Check each line of the data for "layers", and copy the ones that have it.

────────

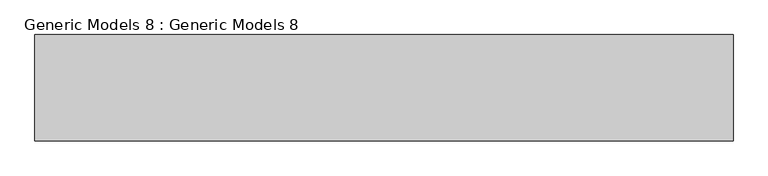
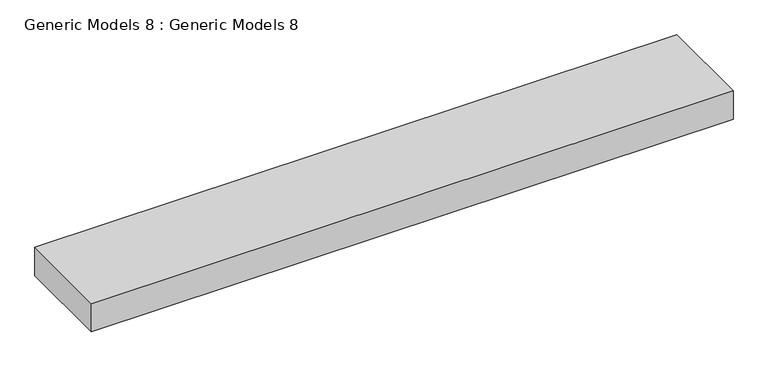
"""IFC4 building model written with IfcOpenShell, lengths in millimetres: proxy geometry, Generic Models 8 : Generic Models 8."""

from ifc_helpers import new_model, si_unit, frame, origin, place, context, project, spatial, polyline, outline, extrude, source, transform, mapped, element, save


def generic_models_8_generic_models_8_4897e18a(model_context):
    return source(origin(), model_context, "Body", "SweptSolid", [
        extrude(outline(polyline([(-7730.0293382, -21294.7893453), (-7730.0293382, -19618.3893453), (3272.4909982, -19618.3893453), (3272.4909982, -21294.7893453), (-7730.0293382, -21294.7893453)])), frame((0.0, 0.0, 15770.5723544), z_axis=(0.0, 0.0, 1.0), x_axis=(1.0, 0.0, 0.0)), (0.0, 0.0, 1.0), 515.6695818),
    ])


if __name__ == "__main__":
    model = new_model("IFC4")
    model_context = context("Model", 3, world=origin())
    ifc_project = project(units=[si_unit("LENGTHUNIT", "METRE", prefix="MILLI")], contexts=[model_context])
    site = spatial("IfcSite", under=ifc_project)
    building = spatial("IfcBuilding", under=site)
    placement = place(None, origin())
    generic_models_8_generic_models_8_shape = generic_models_8_generic_models_8_4897e18a(model_context)
    element("IfcBuildingElementProxy", 1, Name="Generic Models 8 : Generic Models 8", ObjectType="Generic Models 8 : Generic Models 8", at=placement, inside=building, context=model_context, shape_type="MappedRepresentation", body=[
        mapped(generic_models_8_generic_models_8_shape, transform((0.0, 0.0, 0.0), x_axis=(1.0, 0.0, 0.0), y_axis=(0.0, 1.0, 0.0), z_axis=(0.0, 0.0, 1.0))),
    ])
    save(model, "model.ifc")
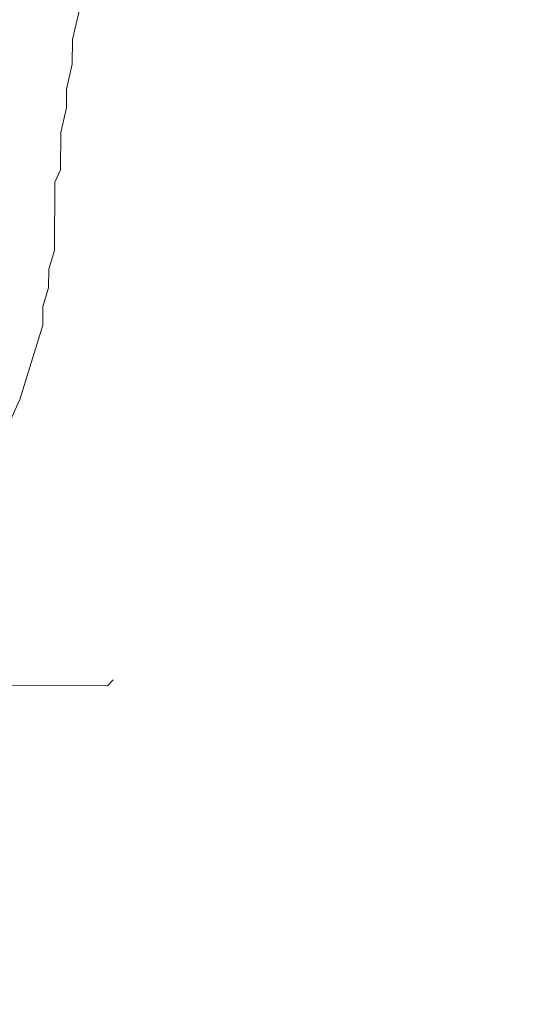
# Model space of a CAD drawing. Units: inches. Extents: x -466983 to 1020, y 324 to 318697.
# Tile 80 of 97: x 660.579 to 662.966, y 939.297 to 944.006. Entities that reach past the tile are written whole.
import ezdxf

# ---------------------------------------------------------------- set-up
doc = ezdxf.new("R2010")
doc.units = ezdxf.units.IN
doc.header["$MEASUREMENT"] = 0
doc.layers.add('A-FLOR-PATT', color=252, linetype='Continuous', lineweight=13)
doc.layers.add('A-FURN', color=8, linetype='Continuous', lineweight=18)

# ---------------------------------------------------------------- blocks, each defined once
blk = doc.blocks.new('L Shaped Sofa')
at = {"ltscale": 2}
for p, q in [((2387.3023, 747.1038), (2387.3515, 747.1578)), ((2387.3515, 747.1578), (2388.5226, 747.1523)), ((2388.1169, 744.6602), (2388.2158, 744.8766)), ((2387.9178, 744.0105), (2388.1169, 744.6602)), ((2387.9168, 743.8479), (2387.9178, 744.0105)), ((2387.867, 743.6855), (2387.9168, 743.8479)), ((2387.866, 743.5228), (2387.867, 743.6855)), ((2387.8162, 743.3604), (2387.866, 743.5228)), ((2387.8125, 742.764), (2387.8162, 743.3604)), ((2387.7631, 742.6558), (2387.8125, 742.764)), ((2387.7611, 742.3305), (2387.7631, 742.6558)), ((2387.711, 742.1139), (2387.7611, 742.3305)), ((2387.71, 741.9512), (2387.711, 742.1139)), ((2387.6598, 741.7346), (2387.71, 741.9512)), ((2387.6585, 741.5177), (2387.6598, 741.7346)), ((2387.5583, 741.0845), (2387.6585, 741.5177))]:
    blk.add_line(p, q, dxfattribs=at)

msp = doc.modelspace()

# ---------------------------------------------------------------- hatches: boundary and pattern name
at = {"layer": 'A-FLOR-PATT', "transparency": 33554572}
h = msp.add_hatch(dxfattribs=at)
h.set_pattern_fill('ANSI37', color=256, scale=30)
h.set_pattern_definition([(45, (-1212.4137, -290.035), (-2.6516504, 2.6516504), []), (135, (-1212.4137, -290.035), (-2.6516504, -2.6516504), [])])
h.paths.add_polyline_path([(901.8057, 1075.9377), (900.6144, 1075.9377), (900.6144, 1065.3856), (899.391, 1065.3856), (898.0911, 1065.3856), (892.8356, 1058.7098, -0.258377), (892.1875, 1058.3509), (879.9848, 1058.3509, -0.20177), (879.4382, 1058.5808), (874.0812, 1065.3856), (872.7813, 1065.3856), (871.5579, 1065.3856), (871.5579, 1075.9377), (813.8057, 1075.9377), (813.8057, 1044.7922), (832.3947, 1044.7922, -0.394795), (848.6602, 1028.5356), (848.6602, 1009.9377), (901.8057, 1009.9377), (901.8057, 1015.9377), (901.3057, 1015.9377), (871.3057, 1015.9377), (871.3057, 1017.2502), (871.3344, 1017.2502, -0.401453), (901.3057, 1045.9377), (901.8057, 1045.9377)])
edge = h.paths.add_edge_path(flags=16)
edge.add_line((847.7731, 1068.9486), (847.7731, 1073.7088))
edge.add_arc((849.2269, 1073.7088), 1.4538, 90, 180, ccw=False)
edge.add_line((849.2269, 1075.1627), (864.4921, 1075.1627))
edge.add_arc((864.4921, 1073.7088), 1.4538, 0, 90, ccw=False)
edge.add_line((865.9459, 1073.7088), (865.9459, 1069.0035))
edge.add_arc((832.6447, 1068.9761), 33.3012, -20.61234, 0.04725, ccw=False)
edge.add_ellipse((856.8595, 1058.48), major_axis=(0, 10.2131), ratio=0.6859192, start_angle=100.00884, end_angle=259.99116, ccw=False)
edge.add_arc((881.0742, 1068.9761), 33.3012, 180.04725, 200.61234, ccw=False)
h.paths.add_polyline_path([(853.1456, 1066.4815), (853.1456, 1066.4534), (853.1463, 1066.4534, 0.433107), (852.9166, 1066.6849), (852.9166, 1066.4534), (853.1456, 1066.4534), (853.1456, 1066.4815), (853.088, 1066.6122, 0.697939), (852.6995, 1066.4534), (852.7003, 1066.4534), (852.7003, 1066.4815), (852.9166, 1067.0012), (852.9166, 1066.6849, -0.396254)], flags=0)
h.paths.add_polyline_path([(861.0187, 1066.4815), (861.0187, 1066.4534), (861.0194, 1066.4534, 0.416404), (860.8024, 1066.6849), (860.8024, 1066.4534), (861.0187, 1066.4534), (861.0187, 1066.4815), (860.9672, 1066.6053, 0.713344), (860.5726, 1066.4534), (860.5734, 1066.4534), (860.5734, 1066.4815), (860.8024, 1067.0012), (860.8024, 1066.6849, -0.379973)], flags=0)
edge = h.paths.add_edge_path(flags=0)
edge.add_spline(control_points=[(861.1298, 1065.7855), (861.4661, 1065.2478), (861.6134, 1065.0161), (861.9833, 1064.3736), (862.1924, 1063.9443), (862.5614, 1063.0391), (862.7212, 1062.5633), (862.9865, 1061.5781), (863.092, 1061.0689), (863.2452, 1060.031), (863.293, 1059.5025), (863.3295, 1058.4409), (863.3181, 1057.9078), (863.2366, 1056.8518), (863.1664, 1056.3289), (862.9695, 1055.308), (862.8427, 1054.8099), (862.5365, 1053.8522), (862.3571, 1053.3927), (861.9514, 1052.5249), (861.7251, 1052.1166), (861.233, 1051.3622), (860.9672, 1051.0162), (860.4048, 1050.3949), (860.1082, 1050.1197), (859.4937, 1049.6461), (859.1758, 1049.4476), (858.5276, 1049.1299), (858.1973, 1049.0107), (857.5315, 1048.8518), (857.1959, 1048.8121), (856.5249, 1048.812), (856.1894, 1048.8515), (855.5236, 1049.0101), (855.1933, 1049.1291), (854.545, 1049.4465), (854.2271, 1049.6449), (853.6124, 1050.1183), (853.3158, 1050.3933), (852.7533, 1051.0143), (852.4874, 1051.3602), (851.9952, 1052.1144), (851.7688, 1052.5225), (851.3629, 1053.3902), (851.1834, 1053.8496), (850.877, 1054.8071), (850.7501, 1055.3051), (850.553, 1056.326), (850.4827, 1056.8488), (850.401, 1057.9048), (850.3895, 1058.4379), (850.4257, 1059.4995), (850.4734, 1060.0281), (850.6265, 1061.066), (850.7318, 1061.5753), (850.9969, 1062.5605), (851.1567, 1063.0365), (851.5254, 1063.9418), (851.7345, 1064.3712), (852.1056, 1065.0164), (852.2544, 1065.2503), (852.6082, 1065.7335)], knot_values=[3.915332, 3.915332, 3.915332, 3.915332, 4.013468, 4.013468, 4.175532, 4.175532, 4.337596, 4.337596, 4.49966, 4.49966, 4.661724, 4.661724, 4.823788, 4.823788, 4.985852, 4.985852, 5.147916, 5.147916, 5.30998, 5.30998, 5.472044, 5.472044, 5.634109, 5.634109, 5.796173, 5.796173, 5.958237, 5.958237, 6.120301, 6.120301, 6.282365, 6.282365, 6.444429, 6.444429, 6.606493, 6.606493, 6.768557, 6.768557, 6.930621, 6.930621, 7.092685, 7.092685, 7.254749, 7.254749, 7.416813, 7.416813, 7.578878, 7.578878, 7.740942, 7.740942, 7.903006, 7.903006, 8.06507, 8.06507, 8.227134, 8.227134, 8.389198, 8.389198, 8.551262, 8.551262, 8.65037, 8.65037, 8.65037, 8.65037], degree=3, periodic=0)
edge.add_line((852.6421, 1065.7855), (861.1298, 1065.7855))
edge = h.paths.add_edge_path(flags=0)
edge.add_ellipse((856.8496, 1057.7432), major_axis=(0, 7.7921), ratio=0.687861, start_angle=0, end_angle=360)
h.paths.add_polyline_path([(848.8634, 1069.3891), (848.8634, 1073.9605, -0.414214), (849.9538, 1075.0508), (863.7652, 1075.0508, -0.414214), (864.8555, 1073.9605), (864.8555, 1069.3891, -0.388936), (864.5237, 1069.027, -0.043561), (849.1953, 1069.027, -0.388936)], flags=0)
h.paths.add_polyline_path([(853.1006, 1068.1122, -1), (852.6775, 1068.1122, -1)], flags=0)
edge = h.paths.add_edge_path(flags=0)
edge.add_ellipse((856.8595, 1057.3378), major_axis=(0, 2.207), ratio=0.657164, start_angle=0, end_angle=360)
h.paths.add_polyline_path([(861.0415, 1068.1122, -1), (860.6184, 1068.1122, -1)], flags=0)
edge = h.paths.add_edge_path()
edge.add_line((573.9537, 1057.3412), (573.9537, 1075.9377))
edge.add_line((573.9537, 1075.9377), (558.7308, 1075.9377))
edge.add_line((558.7308, 1075.9377), (558.7308, 1065.3856))
edge.add_line((558.7308, 1065.3856), (557.5074, 1065.3856))
edge.add_line((557.5074, 1065.3856), (556.2075, 1065.3856))
edge.add_line((556.2075, 1065.3856), (550.952, 1058.7098))
edge.add_arc((550.3039, 1059.1155), 0.7646, 270, 327.9483, ccw=False)
edge.add_line((550.3039, 1058.3509), (538.1012, 1058.3509))
edge.add_arc((538.1012, 1059.1155), 0.7646, 224.3704, 270, ccw=False)
edge.add_line((537.5546, 1058.5808), (532.1976, 1065.3856))
edge.add_line((532.1976, 1065.3856), (530.8977, 1065.3856))
edge.add_line((530.8977, 1065.3856), (529.6743, 1065.3856))
edge.add_line((529.6743, 1065.3856), (529.6743, 1075.9377))
edge.add_line((529.6743, 1075.9377), (520.8057, 1075.9377))
edge.add_line((520.8057, 1075.9377), (520.8057, 1045.9377))
edge.add_line((520.8057, 1045.9377), (521.3057, 1045.9377))
edge.add_arc((521.3057, 1015.9377), 30, 2.50749, 90, ccw=False)
edge.add_line((551.277, 1017.2502), (551.3057, 1017.2502))
edge.add_line((551.3057, 1017.2502), (551.3057, 1015.9377))
edge.add_line((551.3057, 1015.9377), (520.8057, 1015.9377))
edge.add_line((520.8057, 1015.9377), (520.8057, 1009.9377))
edge.add_line((520.8057, 1009.9377), (559.1913, 1010.4022))
edge.add_arc((559.1913, 1011.856), 1.4538, 180, 270, ccw=False)
edge.add_line((557.7375, 1011.856), (557.7375, 1016.5613))
edge.add_arc((591.0386, 1016.5888), 33.3012, 159.38766, 180.04725, ccw=False)
edge.add_ellipse((566.8239, 1027.0848), major_axis=(0, 10.2131), ratio=0.6859192, start_angle=280.00884, end_angle=439.99116, ccw=False)
edge.add_arc((542.6091, 1016.5888), 33.3012, 0.04725, 20.61234, ccw=False)
edge.add_line((575.9103, 1016.6162), (575.9103, 1011.856))
edge.add_arc((574.4565, 1011.856), 1.4538, -90, 0, ccw=False)
edge.add_line((574.4565, 1010.4022), (608.8057, 1009.9377))
edge.add_line((608.8057, 1009.9377), (608.8057, 1041.0857))
edge.add_line((608.8057, 1041.0857), (590.2179, 1041.0857))
edge.add_arc((590.775, 1057.9074), 16.8309, 181.92775, 268.10321, ccw=False)
edge = h.paths.add_edge_path()
edge.add_ellipse((494.2443, 583.6204), major_axis=(0, 10.2131), ratio=0.6859192, start_angle=280.00884, end_angle=439.99116, ccw=False)
edge.add_arc((470.0296, 573.1243), 33.3012, 0.04725, 20.61234, ccw=False)
edge.add_line((503.3307, 573.1518), (503.3307, 568.3916))
edge.add_arc((501.8769, 568.3916), 1.4538, -90, 0, ccw=False)
edge.add_line((501.8769, 566.9377), (539.8057, 566.9377))
edge.add_line((539.8057, 566.9377), (539.8057, 572.9377))
edge.add_line((539.8057, 572.9377), (539.3057, 572.9377))
edge.add_line((539.3057, 572.9377), (509.3057, 572.9377))
edge.add_line((509.3057, 572.9377), (509.3057, 574.2502))
edge.add_line((509.3057, 574.2502), (509.3344, 574.2502))
edge.add_arc((539.3057, 572.9377), 30, 90, 177.49251, ccw=False)
edge.add_line((539.3057, 602.9377), (539.8057, 602.9377))
edge.add_line((539.8057, 602.9377), (539.8057, 626.9377))
edge.add_line((539.8057, 626.9377), (531.7718, 626.9377))
edge.add_line((531.7718, 626.9377), (531.7718, 616.3856))
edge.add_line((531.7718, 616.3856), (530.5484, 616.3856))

────────

• **Exercise answer**
doc.layers.add('A-FLOR-PATT', color=252, linetype='Continuous', lineweight=13)
doc.layers.add('A-FURN', color=8, linetype='Continuous', lineweight=18)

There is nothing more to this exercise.